→ **Aim of the exercise**
The answer should contain only the lines from the beginning of the entries through the line that holds "p7 = place(p4, frame((11.025, 0.0, 0.0)))", given again exactly, with no pictures.

[Data]

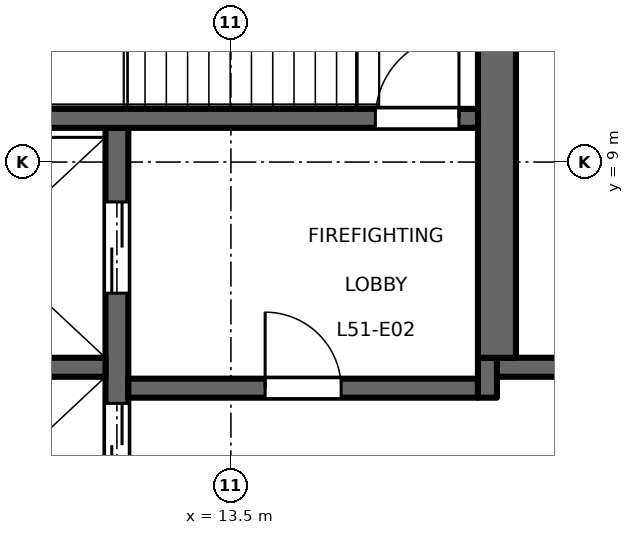
"""IFC4 building model, lengths in metres.
Left out: names, types, materials, properties, quantities, classifications, styles, units other than length and angle.
Written with IfcOpenShell. Run it as: python <this file> out.ifc"""

import sys

from ifc_helpers import new_model, si_unit, direction, frame, frame_2d, origin, place, context, subcontext, project, spatial, rectangle, extrude, element, fill, save


model = new_model("IFC4")
c1 = context("Model", 3, precision=1e-05, world=origin(), true_north=direction((0.0, 1.0)))
c2 = subcontext(c1, "Body", "Model", "MODEL_VIEW")
j1 = project(units=[si_unit("LENGTHUNIT", "METRE"), si_unit("PLANEANGLEUNIT", "RADIAN")], contexts=[c1])
p1 = place(None, origin())
s1 = spatial("IfcSite", under=j1, at=p1, CompositionType="ELEMENT")
p2 = place(p1, origin())
s2 = spatial("IfcBuilding", under=s1, at=p2, CompositionType="ELEMENT")
p3 = place(p2, frame((0.0, 0.0, 237.7)))
s3 = spatial("IfcBuildingStorey", under=s2, at=p3, CompositionType="ELEMENT", Elevation=237.7)
p4 = place(p3, frame((12.0, -9.45, 0.0), z_axis=(0.0, 0.0, 1.0), x_axis=(0.0, 1.0, 0.0)))
e1 = element("IfcWall", 1, at=p4, inside=s3, PredefinedType="SHEAR", context=c2, shape_type="SweptSolid", body=[
    extrude(rectangle(XDim=18.9, YDim=0.3, at=frame_2d((9.45, 0.0))), origin(), (0.0, 0.0, 1.0), 4.35),
])
p5 = place(p4, frame((4.725, 0.0, 0.0)))
e2 = element("IfcOpeningElement", 2, at=p5, cuts=e1, PredefinedType="OPENING", context=c2, shape_type="SweptSolid", body=[
    extrude(rectangle(XDim=1.1, YDim=2.1, at=frame_2d((0.55, 1.05))), frame((0.0, 0.16, 0.0), z_axis=(0.0, -1.0, 0.0), x_axis=(1.0, 0.0, 0.0)), (0.0, 0.0, 1.0), 0.32),
])
p6 = place(p4, frame((7.875, 0.0, 0.0)))
e3 = element("IfcOpeningElement", 3, at=p6, cuts=e1, PredefinedType="OPENING", context=c2, shape_type="SweptSolid", body=[
    extrude(rectangle(XDim=1.1, YDim=2.1, at=frame_2d((0.55, 1.05))), frame((0.0, 0.16, 0.0), z_axis=(0.0, -1.0, 0.0), x_axis=(1.0, 0.0, 0.0)), (0.0, 0.0, 1.0), 0.32),
])
p7 = place(p4, frame((11.025, 0.0, 0.0)))
e4 = element("IfcOpeningElement", 4, at=p7, cuts=e1, PredefinedType="OPENING", context=c2, shape_type="SweptSolid", body=[
    extrude(rectangle(XDim=1.1, YDim=2.1, at=frame_2d((0.55, 1.05))), frame((0.0, 0.16, 0.0), z_axis=(0.0, -1.0, 0.0), x_axis=(1.0, 0.0, 0.0)), (0.0, 0.0, 1.0), 0.32),
])
p8 = place(p4, frame((14.175, 0.0, 0.0)))
e5 = element("IfcOpeningElement", 5, at=p8, cuts=e1, PredefinedType="OPENING", context=c2, shape_type="SweptSolid", body=[
    extrude(rectangle(XDim=1.1, YDim=2.1, at=frame_2d((0.55, 1.05))), frame((0.0, 0.16, 0.0), z_axis=(0.0, -1.0, 0.0), x_axis=(1.0, 0.0, 0.0)), (0.0, 0.0, 1.0), 0.32),
])
p9 = place(p4, frame((16.725, 0.0, 0.0)))
e6 = element("IfcOpeningElement", 6, at=p9, cuts=e1, PredefinedType="OPENING", context=c2, shape_type="SweptSolid", body=[
    extrude(rectangle(XDim=1.2, YDim=2.1, at=frame_2d((0.6, 1.05))), frame((0.0, 0.16, 0.0), z_axis=(0.0, -1.0, 0.0), x_axis=(1.0, 0.0, 0.0)), (0.0, 0.0, 1.0), 0.32),
])
p10 = place(p4, frame((0.975, 0.0, 0.0)))
e7 = element("IfcOpeningElement", 7, at=p10, cuts=e1, PredefinedType="OPENING", context=c2, shape_type="SweptSolid", body=[
    extrude(rectangle(XDim=1.2, YDim=2.1, at=frame_2d((0.6, 1.05))), frame((0.0, 0.16, 0.0), z_axis=(0.0, -1.0, 0.0), x_axis=(1.0, 0.0, 0.0)), (0.0, 0.0, 1.0), 0.32),
])
p11 = place(p3, frame((12.15, 6.025, 0.0), z_axis=(0.0, 0.0, 1.0), x_axis=(1.0, 0.0, 0.0)))
e8 = element("IfcWall", 8, at=p11, inside=s3, PredefinedType="SHEAR", context=c2, shape_type="SweptSolid", body=[
    extrude(rectangle(XDim=4.6, YDim=0.25, at=frame_2d((2.3, 0.0))), origin(), (0.0, 0.0, 1.0), 4.35),
])
p12 = place(p11, frame((1.8, 0.0, 0.0)))
e9 = element("IfcOpeningElement", 9, at=p12, cuts=e8, PredefinedType="OPENING", context=c2, shape_type="SweptSolid", body=[
    extrude(rectangle(XDim=1.0, YDim=2.1, at=frame_2d((0.5, 1.05))), frame((0.0, 0.135, 0.0), z_axis=(0.0, -1.0, 0.0), x_axis=(1.0, 0.0, 0.0)), (0.0, 0.0, 1.0), 0.27),
])
p13 = place(p3, frame((16.875, 5.9, 0.0), z_axis=(0.0, 0.0, 1.0), x_axis=(0.0, 1.0, 0.0)))
e10 = element("IfcWall", 10, at=p13, inside=s3, PredefinedType="SHEAR", context=c2, shape_type="SweptSolid", body=[
    extrude(rectangle(XDim=0.525, YDim=0.25, at=frame_2d((0.263, 0.0))), origin(), (0.0, 0.0, 1.0), 4.35),
])
p14 = place(p3, frame((17.0, 6.3, 0.0), z_axis=(0.0, 0.0, 1.0), x_axis=(1.0, 0.0, 0.0)))
e11 = element("IfcWall", 11, at=p14, inside=s3, PredefinedType="SHEAR", context=c2, shape_type="SweptSolid", body=[
    extrude(rectangle(XDim=4.25, YDim=0.25, at=frame_2d((2.125, 0.0))), origin(), (0.0, 0.0, 1.0), 4.35),
])
p15 = place(p3, frame((17.0, 6.425, 0.0), z_axis=(0.0, 0.0, 1.0), x_axis=(0.0, 1.0, 0.0)))
e12 = element("IfcWall", 12, at=p15, inside=s3, PredefinedType="SHEAR", context=c2, shape_type="SweptSolid", body=[
    extrude(rectangle(XDim=6.575, YDim=0.5, at=frame_2d((3.288, 0.0))), origin(), (0.0, 0.0, 1.0), 4.35),
])
p16 = place(p3, frame((8.75, 6.3, 0.0), z_axis=(0.0, 0.0, 1.0), x_axis=(1.0, 0.0, 0.0)))
e13 = element("IfcWall", 13, at=p16, inside=s3, PredefinedType="SHEAR", context=c2, shape_type="SweptSolid", body=[
    extrude(rectangle(XDim=3.1, YDim=0.25, at=frame_2d((1.55, 0.0))), origin(), (0.0, 0.0, 1.0), 4.35),
])
p17 = place(p3, frame((8.75, 9.575, 0.0), z_axis=(0.0, 0.0, 1.0), x_axis=(1.0, 0.0, 0.0)))
e14 = element("IfcWall", 14, at=p17, inside=s3, PredefinedType="SHEAR", context=c2, shape_type="SweptSolid", body=[
    extrude(rectangle(XDim=8.0, YDim=0.25, at=frame_2d((4.0, 0.0))), origin(), (0.0, 0.0, 1.0), 4.35),
])
p18 = place(p17, frame((6.65, 0.0, 0.0)))
e15 = element("IfcOpeningElement", 15, at=p18, cuts=e14, PredefinedType="OPENING", context=c2, shape_type="SweptSolid", body=[
    extrude(rectangle(XDim=1.1, YDim=2.1, at=frame_2d((0.55, 1.05))), frame((0.0, 0.135, 0.0), z_axis=(0.0, -1.0, 0.0), x_axis=(1.0, 0.0, 0.0)), (0.0, 0.0, 1.0), 0.27),
])
p19 = place(p12, origin())
e16 = element("IfcDoor", 16, at=p19, inside=s3, OperationType="SINGLE_SWING_RIGHT", PredefinedType="DOOR", context=c2, shape_type="SweptSolid", body=[
    extrude(rectangle(XDim=1.0, YDim=2.1, at=frame_2d((0.5, 1.05))), frame((0.0, 0.025, 0.0), z_axis=(0.0, -1.0, 0.0), x_axis=(1.0, 0.0, 0.0)), (0.0, 0.0, 1.0), 0.05),
])
fill(e9, e16)
p20 = place(p18, origin())
e17 = element("IfcDoor", 17, at=p20, inside=s3, OperationType="SINGLE_SWING_LEFT", PredefinedType="DOOR", context=c2, shape_type="SweptSolid", body=[
    extrude(rectangle(XDim=1.1, YDim=2.1, at=frame_2d((0.55, 1.05))), frame((0.0, 0.025, 0.0), z_axis=(0.0, -1.0, 0.0), x_axis=(1.0, 0.0, 0.0)), (0.0, 0.0, 1.0), 0.05),
])
fill(e15, e17)
p21 = place(p8, origin())
e18 = element("IfcDoor", 18, at=p21, inside=s3, OperationType="DOUBLE_DOOR_SLIDING", PredefinedType="DOOR", context=c2, shape_type="SweptSolid", body=[
    extrude(rectangle(XDim=1.1, YDim=2.1, at=frame_2d((0.55, 1.05))), frame((0.0, 0.025, 0.0), z_axis=(0.0, -1.0, 0.0), x_axis=(1.0, 0.0, 0.0)), (0.0, 0.0, 1.0), 0.05),
])
fill(e5, e18)
p22 = place(p9, origin())
e19 = element("IfcDoor", 19, at=p22, inside=s3, OperationType="DOUBLE_DOOR_SLIDING", PredefinedType="DOOR", context=c2, shape_type="SweptSolid", body=[
    extrude(rectangle(XDim=1.2, YDim=2.1, at=frame_2d((0.6, 1.05))), frame((0.0, 0.025, 0.0), z_axis=(0.0, -1.0, 0.0), x_axis=(1.0, 0.0, 0.0)), (0.0, 0.0, 1.0), 0.05),
])
fill(e6, e19)
save(model, sys.argv[1])

[/Data]

→ **Exercise response**
"""IFC4 building model, lengths in metres.
Left out: names, types, materials, properties, quantities, classifications, styles, units other than length and angle.
Written with IfcOpenShell. Run it as: python <this file> out.ifc"""

import sys

from ifc_helpers import new_model, si_unit, direction, frame, frame_2d, origin, place, context, subcontext, project, spatial, rectangle, extrude, element, fill, save


model = new_model("IFC4")
c1 = context("Model", 3, precision=1e-05, world=origin(), true_north=direction((0.0, 1.0)))
c2 = subcontext(c1, "Body", "Model", "MODEL_VIEW")
j1 = project(units=[si_unit("LENGTHUNIT", "METRE"), si_unit("PLANEANGLEUNIT", "RADIAN")], contexts=[c1])
p1 = place(None, origin())
s1 = spatial("IfcSite", under=j1, at=p1, CompositionType="ELEMENT")
p2 = place(p1, origin())
s2 = spatial("IfcBuilding", under=s1, at=p2, CompositionType="ELEMENT")
p3 = place(p2, frame((0.0, 0.0, 237.7)))
s3 = spatial("IfcBuildingStorey", under=s2, at=p3, CompositionType="ELEMENT", Elevation=237.7)
p4 = place(p3, frame((12.0, -9.45, 0.0), z_axis=(0.0, 0.0, 1.0), x_axis=(0.0, 1.0, 0.0)))
e1 = element("IfcWall", 1, at=p4, inside=s3, PredefinedType="SHEAR", context=c2, shape_type="SweptSolid", body=[
    extrude(rectangle(XDim=18.9, YDim=0.3, at=frame_2d((9.45, 0.0))), origin(), (0.0, 0.0, 1.0), 4.35),
])
p5 = place(p4, frame((4.725, 0.0, 0.0)))
e2 = element("IfcOpeningElement", 2, at=p5, cuts=e1, PredefinedType="OPENING", context=c2, shape_type="SweptSolid", body=[
    extrude(rectangle(XDim=1.1, YDim=2.1, at=frame_2d((0.55, 1.05))), frame((0.0, 0.16, 0.0), z_axis=(0.0, -1.0, 0.0), x_axis=(1.0, 0.0, 0.0)), (0.0, 0.0, 1.0), 0.32),
])
p6 = place(p4, frame((7.875, 0.0, 0.0)))
e3 = element("IfcOpeningElement", 3, at=p6, cuts=e1, PredefinedType="OPENING", context=c2, shape_type="SweptSolid", body=[
    extrude(rectangle(XDim=1.1, YDim=2.1, at=frame_2d((0.55, 1.05))), frame((0.0, 0.16, 0.0), z_axis=(0.0, -1.0, 0.0), x_axis=(1.0, 0.0, 0.0)), (0.0, 0.0, 1.0), 0.32),
])
p7 = place(p4, frame((11.025, 0.0, 0.0)))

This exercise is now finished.